**Assigned task:**
Only one stretch of the records below should be repeated. It starts with the line containing "#115=ADVANCED_FACE('',(#114),#16,.T.);" and goes on through the line containing "#124=DIRECTION('',(1.,0.));", exactly as written.

**Records for this exercise:**

● ● ● ●

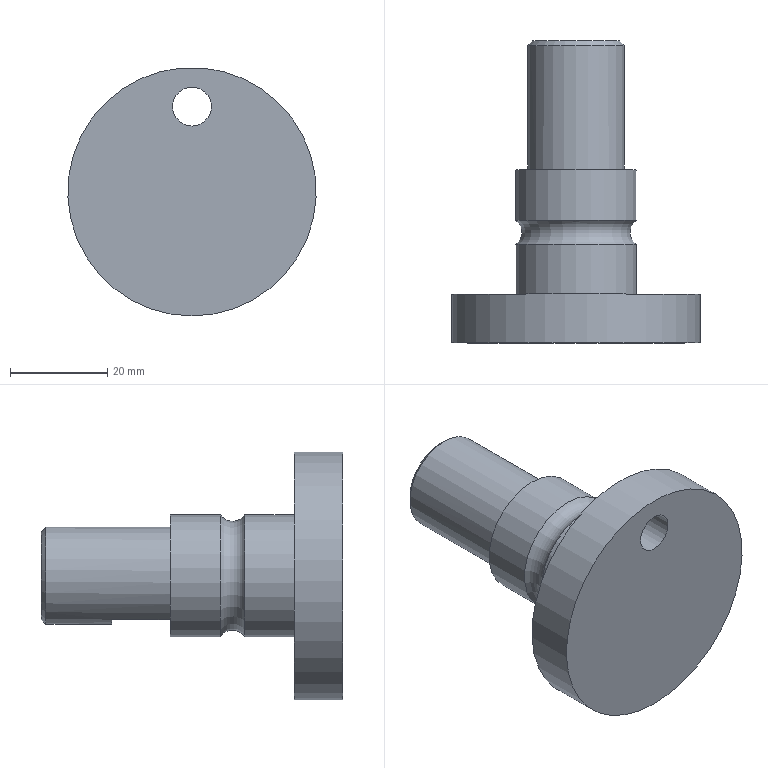Component | NX | 3_CONN_SHAFT | 1 solid | 13 faces | box 51 x 62 x 51 mm | volume 40313 mm3 | plane 6 | cylinder 5 | torus 1 | cone 1 | commonest cylinder face diameters 25 x2 51 x1 8 x1 20 x1
STEP:
#1=CARTESIAN_POINT('',(0.,0.,0.));
#2=DIRECTION('',(0.,0.,1.));
#3=DIRECTION('',(1.,0.,0.));
#4=AXIS2_PLACEMENT_3D('',#1,#2,#3);
#5=CARTESIAN_POINT('',(2.02,26.63,-37.328));
#6=VERTEX_POINT('',#5);
#7=CARTESIAN_POINT('',(2.02,26.63,-24.828));
#8=DIRECTION('',(0.,1.,0.));
#9=DIRECTION('',(0.,0.,-1.));
#10=AXIS2_PLACEMENT_3D('',#7,#8,#9);
#11=CIRCLE('',#10,12.5);
#12=CARTESIAN_POINT('',(2.02,26.63,-24.828));
#13=DIRECTION('',(0.,1.,0.));
#14=DIRECTION('',(0.,0.,-1.));
#15=AXIS2_PLACEMENT_3D('',#12,#13,#14);
#16=CYLINDRICAL_SURFACE('',#15,12.5);
#17=CARTESIAN_POINT('',(0.,0.));
#18=DIRECTION('',(1.,0.));
#19=VECTOR('',#18,1.);
#20=LINE('',#17,#19);
#21=(GEOMETRIC_REPRESENTATION_CONTEXT(2)PARAMETRIC_REPRESENTATION_CONTEXT()REPRESENTATION_CONTEXT('',''));
#22=DEFINITIONAL_REPRESENTATION('',(#20),#21);
#23=PCURVE('',#16,#22);
#24=CARTESIAN_POINT('',(2.02,26.63,-24.828));
#25=DIRECTION('',(0.,1.,0.));
#26=DIRECTION('',(0.,0.,-1.));
#27=AXIS2_PLACEMENT_3D('',#24,#25,#26);
#28=PLANE('',#27);
#29=CARTESIAN_POINT('',(0.,0.));
#30=DIRECTION('',(1.,0.));
#31=AXIS2_PLACEMENT_2D('',#29,#30);
#32=CIRCLE('',#31,12.5);
#33=(GEOMETRIC_REPRESENTATION_CONTEXT(2)PARAMETRIC_REPRESENTATION_CONTEXT()REPRESENTATION_CONTEXT('',''));
#34=DEFINITIONAL_REPRESENTATION('',(#32),#33);
#35=PCURVE('',#28,#34);
#36=SURFACE_CURVE('',#11,(#23,#35),.PCURVE_S1.);
#37=EDGE_CURVE('',#6,#6,#36,.T.);
#38=ORIENTED_EDGE('',*,*,#37,.T.);
#39=CARTESIAN_POINT('',(2.02,36.83,-37.328));
#40=VERTEX_POINT('',#39);
#41=CARTESIAN_POINT('',(2.02,26.63,-37.328));
#42=CARTESIAN_POINT('',(2.02,36.83,-37.328));
#43=B_SPLINE_CURVE_WITH_KNOTS('',1,(#41,#42),.UNSPECIFIED.,.F.,.F.,(2,2),(0.,10.2),.PIECEWISE_BEZIER_KNOTS.);
#44=CARTESIAN_POINT('',(6.283,0.));
#45=DIRECTION('',(0.,1.));
#46=VECTOR('',#45,1.);
#47=LINE('',#44,#46);
#48=(GEOMETRIC_REPRESENTATION_CONTEXT(2)PARAMETRIC_REPRESENTATION_CONTEXT()REPRESENTATION_CONTEXT('',''));
#49=DEFINITIONAL_REPRESENTATION('',(#47),#48);
#50=PCURVE('',#16,#49);
#51=CARTESIAN_POINT('',(0.,0.));
#52=DIRECTION('',(0.,1.));
#53=VECTOR('',#52,1.);
#54=LINE('',#51,#53);
#55=(GEOMETRIC_REPRESENTATION_CONTEXT(2)PARAMETRIC_REPRESENTATION_CONTEXT()REPRESENTATION_CONTEXT('',''));
#56=DEFINITIONAL_REPRESENTATION('',(#54),#55);
#57=PCURVE('',#16,#56);
#58=SEAM_CURVE('',#43,(#50,#57),.PCURVE_S1.);
#59=EDGE_CURVE('',#6,#40,#58,.T.);
#60=ORIENTED_EDGE('',*,*,#59,.T.);
#61=CARTESIAN_POINT('',(2.02,36.83,-12.328));
#62=VERTEX_POINT('',#61);
#63=CARTESIAN_POINT('',(2.02,36.83,-24.828));
#64=DIRECTION('',(0.,-1.,0.));
#65=DIRECTION('',(0.,0.,1.));
#66=AXIS2_PLACEMENT_3D('',#63,#64,#65);
#67=CIRCLE('',#66,12.5);
#68=CARTESIAN_POINT('',(9.425,10.2));
#69=DIRECTION('',(-1.,0.));
#70=VECTOR('',#69,1.);
#71=LINE('',#68,#70);
#72=(GEOMETRIC_REPRESENTATION_CONTEXT(2)PARAMETRIC_REPRESENTATION_CONTEXT()REPRESENTATION_CONTEXT('',''));
#73=DEFINITIONAL_REPRESENTATION('',(#71),#72);
#74=PCURVE('',#16,#73);
#75=CARTESIAN_POINT('',(2.02,39.33,-24.828));
#76=DIRECTION('',(0.,-1.,0.));
#77=DIRECTION('',(0.,0.,1.));
#78=AXIS2_PLACEMENT_3D('',#75,#76,#77);
#79=TOROIDAL_SURFACE('',#78,14.158,3.);
#80=CARTESIAN_POINT('',(0.,2.156));
#81=DIRECTION('',(1.,0.));
#82=VECTOR('',#81,1.);
#83=LINE('',#80,#82);
#84=(GEOMETRIC_REPRESENTATION_CONTEXT(2)PARAMETRIC_REPRESENTATION_CONTEXT()REPRESENTATION_CONTEXT('',''));
#85=DEFINITIONAL_REPRESENTATION('',(#83),#84);
#86=PCURVE('',#79,#85);
#87=SURFACE_CURVE('',#67,(#74,#86),.PCURVE_S1.);
#88=EDGE_CURVE('',#40,#62,#87,.T.);
#89=ORIENTED_EDGE('',*,*,#88,.T.);
#90=CARTESIAN_POINT('',(2.02,36.83,-24.828));
#91=DIRECTION('',(0.,-1.,0.));
#92=DIRECTION('',(0.,0.,1.));
#93=AXIS2_PLACEMENT_3D('',#90,#91,#92);
#94=CIRCLE('',#93,12.5);
#95=CARTESIAN_POINT('',(3.142,10.2));
#96=DIRECTION('',(-1.,0.));
#97=VECTOR('',#96,1.);
#98=LINE('',#95,#97);
#99=(GEOMETRIC_REPRESENTATION_CONTEXT(2)PARAMETRIC_REPRESENTATION_CONTEXT()REPRESENTATION_CONTEXT('',''));
#100=DEFINITIONAL_REPRESENTATION('',(#98),#99);
#101=PCURVE('',#16,#100);
#102=CARTESIAN_POINT('',(0.,2.156));
#103=DIRECTION('',(1.,-0.));
#104=VECTOR('',#103,1.);
#105=LINE('',#102,#104);
#106=(GEOMETRIC_REPRESENTATION_CONTEXT(2)PARAMETRIC_REPRESENTATION_CONTEXT()REPRESENTATION_CONTEXT('',''));
#107=DEFINITIONAL_REPRESENTATION('',(#105),#106);
#108=PCURVE('',#79,#107);
#109=SURFACE_CURVE('',#94,(#101,#108),.PCURVE_S1.);
#110=EDGE_CURVE('',#62,#40,#109,.T.);
#111=ORIENTED_EDGE('',*,*,#110,.T.);
#112=ORIENTED_EDGE('',*,*,#59,.F.);
#113=EDGE_LOOP('',(#38,#60,#89,#111,#112));
#114=FACE_BOUND('',#113,.T.);
#115=ADVANCED_FACE('',(#114),#16,.T.);
#116=CARTESIAN_POINT('',(2.02,26.63,-11.328));
#117=VERTEX_POINT('',#116);
#118=CARTESIAN_POINT('',(2.02,26.63,-7.328));
#119=DIRECTION('',(0.,1.,0.));
#120=DIRECTION('',(0.,0.,-1.));
#121=AXIS2_PLACEMENT_3D('',#118,#119,#120);
#122=CIRCLE('',#121,4.);
#123=CARTESIAN_POINT('',(-17.5,0.));
#124=DIRECTION('',(1.,0.));
#125=AXIS2_PLACEMENT_2D('',#123,#124);
#126=CIRCLE('',#125,4.);
#127=(GEOMETRIC_REPRESENTATION_CONTEXT(2)PARAMETRIC_REPRESENTATION_CONTEXT()REPRESENTATION_CONTEXT('',''));
#128=DEFINITIONAL_REPRESENTATION('',(#126),#127);
#129=PCURVE('',#28,#128);
#130=CARTESIAN_POINT('',(2.02,33.63,-7.328));
#131=DIRECTION('',(0.,-1.,0.));
#132=DIRECTION('',(0.,0.,1.));
#133=AXIS2_PLACEMENT_3D('',#130,#131,#132);
#134=CYLINDRICAL_SURFACE('',#133,4.);
#135=CARTESIAN_POINT('',(9.425,7.));
#136=DIRECTION('',(-1.,0.));
#137=VECTOR('',#136,1.);
#138=LINE('',#135,#137);
#139=(GEOMETRIC_REPRESENTATION_CONTEXT(2)PARAMETRIC_REPRESENTATION_CONTEXT()REPRESENTATION_CONTEXT('',''));
#140=DEFINITIONAL_REPRESENTATION('',(#138),#139);
#141=PCURVE('',#134,#140);
#142=SURFACE_CURVE('',#122,(#129,#141),.PCURVE_S1.);
#143=EDGE_CURVE('',#117,#117,#142,.T.);
#144=ORIENTED_EDGE('',*,*,#143,.F.);
#145=EDGE_LOOP('',(#144));
#146=FACE_BOUND('',#145,.T.);
#147=ORIENTED_EDGE('',*,*,#37,.F.);
#148=EDGE_LOOP('',(#147));
#149=FACE_BOUND('',#148,.T.);
#150=CARTESIAN_POINT('',(2.02,26.63,-50.328));
#151=VERTEX_POINT('',#150);
#152=CARTESIAN_POINT('',(2.02,26.63,-24.828));
#153=DIRECTION('',(0.,-1.,0.));
#154=DIRECTION('',(0.,0.,-1.));
#155=AXIS2_PLACEMENT_3D('',#152,#153,#154);
#156=CIRCLE('',#155,25.5);
#157=CARTESIAN_POINT('',(25.5,0.));
#158=CARTESIAN_POINT('',(25.5,-44.167));
#159=CARTESIAN_POINT('',(-12.75,-22.084));
#160=CARTESIAN_POINT('',(-51.,-0.));
#161=CARTESIAN_POINT('',(-12.75,22.084));
#162=CARTESIAN_POINT('',(25.5,44.167));
#163=CARTESIAN_POINT('',(25.5,0.));
#164=(BOUNDED_CURVE()B_SPLINE_CURVE(2,(#157,#158,#159,#160,#161,#162,#163),.UNSPECIFIED.,.T.,.F.)B_SPLINE_CURVE_WITH_KNOTS((1,2,2,2,2,1),(-2.094,0.,2.094,4.189,6.283,8.378),.UNSPECIFIED.)CURVE()GEOMETRIC_REPRESENTATION_ITEM()RATIONAL_B_SPLINE_CURVE((1.,0.5,1.,0.5,1.,0.5,1.))REPRESENTATION_ITEM(''));
#165=(GEOMETRIC_REPRESENTATION_CONTEXT(2)PARAMETRIC_REPRESENTATION_CONTEXT()REPRESENTATION_CONTEXT('',''));
#166=DEFINITIONAL_REPRESENTATION('',(#164),#165);
#167=PCURVE('',#28,#166);
#168=CARTESIAN_POINT('',(2.02,16.63,-24.828));
#169=DIRECTION('',(0.,1.,0.));
#170=DIRECTION('',(0.,0.,-1.));
#171=AXIS2_PLACEMENT_3D('',#168,#169,#170);
#172=CYLINDRICAL_SURFACE('',#171,25.5);
#173=CARTESIAN_POINT('',(6.283,10.));
#174=DIRECTION('',(-1.,0.));
#175=VECTOR('',#174,1.);
#176=LINE('',#173,#175);
#177=(GEOMETRIC_REPRESENTATION_CONTEXT(2)PARAMETRIC_REPRESENTATION_CONTEXT()REPRESENTATION_CONTEXT('',''));
#178=DEFINITIONAL_REPRESENTATION('',(#176),#177);
#179=PCURVE('',#172,#178);
#180=SURFACE_CURVE('',#156,(#167,#179),.PCURVE_S1.);
#181=EDGE_CURVE('',#151,#151,#180,.T.);
#182=ORIENTED_EDGE('',*,*,#181,.F.);
#183=EDGE_LOOP('',(#182));
#184=FACE_BOUND('',#183,.T.);
#185=ADVANCED_FACE('',(#146,#149,#184),#28,.T.);
#186=CARTESIAN_POINT('',(2.02,16.63,-11.328));
#187=VERTEX_POINT('',#186);
#188=CARTESIAN_POINT('',(2.02,16.63,-7.328));
#189=DIRECTION('',(0.,-1.,0.));
#190=DIRECTION('',(-0.,0.,-1.));
#191=AXIS2_PLACEMENT_3D('',#188,#189,#190);
#192=CIRCLE('',#191,4.);
#193=CARTESIAN_POINT('',(2.02,16.63,-24.828));
#194=DIRECTION('',(0.,-1.,0.));
#195=DIRECTION('',(0.,0.,1.));
#196=AXIS2_PLACEMENT_3D('',#193,#194,#195);
#197=PLANE('',#196);
#198=CARTESIAN_POINT('',(17.5,0.));
#199=DIRECTION('',(-1.,0.));
#200=AXIS2_PLACEMENT_2D('',#198,#199);
#201=CIRCLE('',#200,4.);
#202=(GEOMETRIC_REPRESENTATION_CONTEXT(2)PARAMETRIC_REPRESENTATION_CONTEXT()REPRESENTATION_CONTEXT('',''));
#203=DEFINITIONAL_REPRESENTATION('',(#201),#202);
#204=PCURVE('',#197,#203);
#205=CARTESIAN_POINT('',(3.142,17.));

● ● ● ●

**Exercise output:**
#115=ADVANCED_FACE('',(#114),#16,.T.);
#116=CARTESIAN_POINT('',(2.02,26.63,-11.328));
#117=VERTEX_POINT('',#116);
#118=CARTESIAN_POINT('',(2.02,26.63,-7.328));
#119=DIRECTION('',(0.,1.,0.));
#120=DIRECTION('',(0.,0.,-1.));
#121=AXIS2_PLACEMENT_3D('',#118,#119,#120);
#122=CIRCLE('',#121,4.);
#123=CARTESIAN_POINT('',(-17.5,0.));
#124=DIRECTION('',(1.,0.));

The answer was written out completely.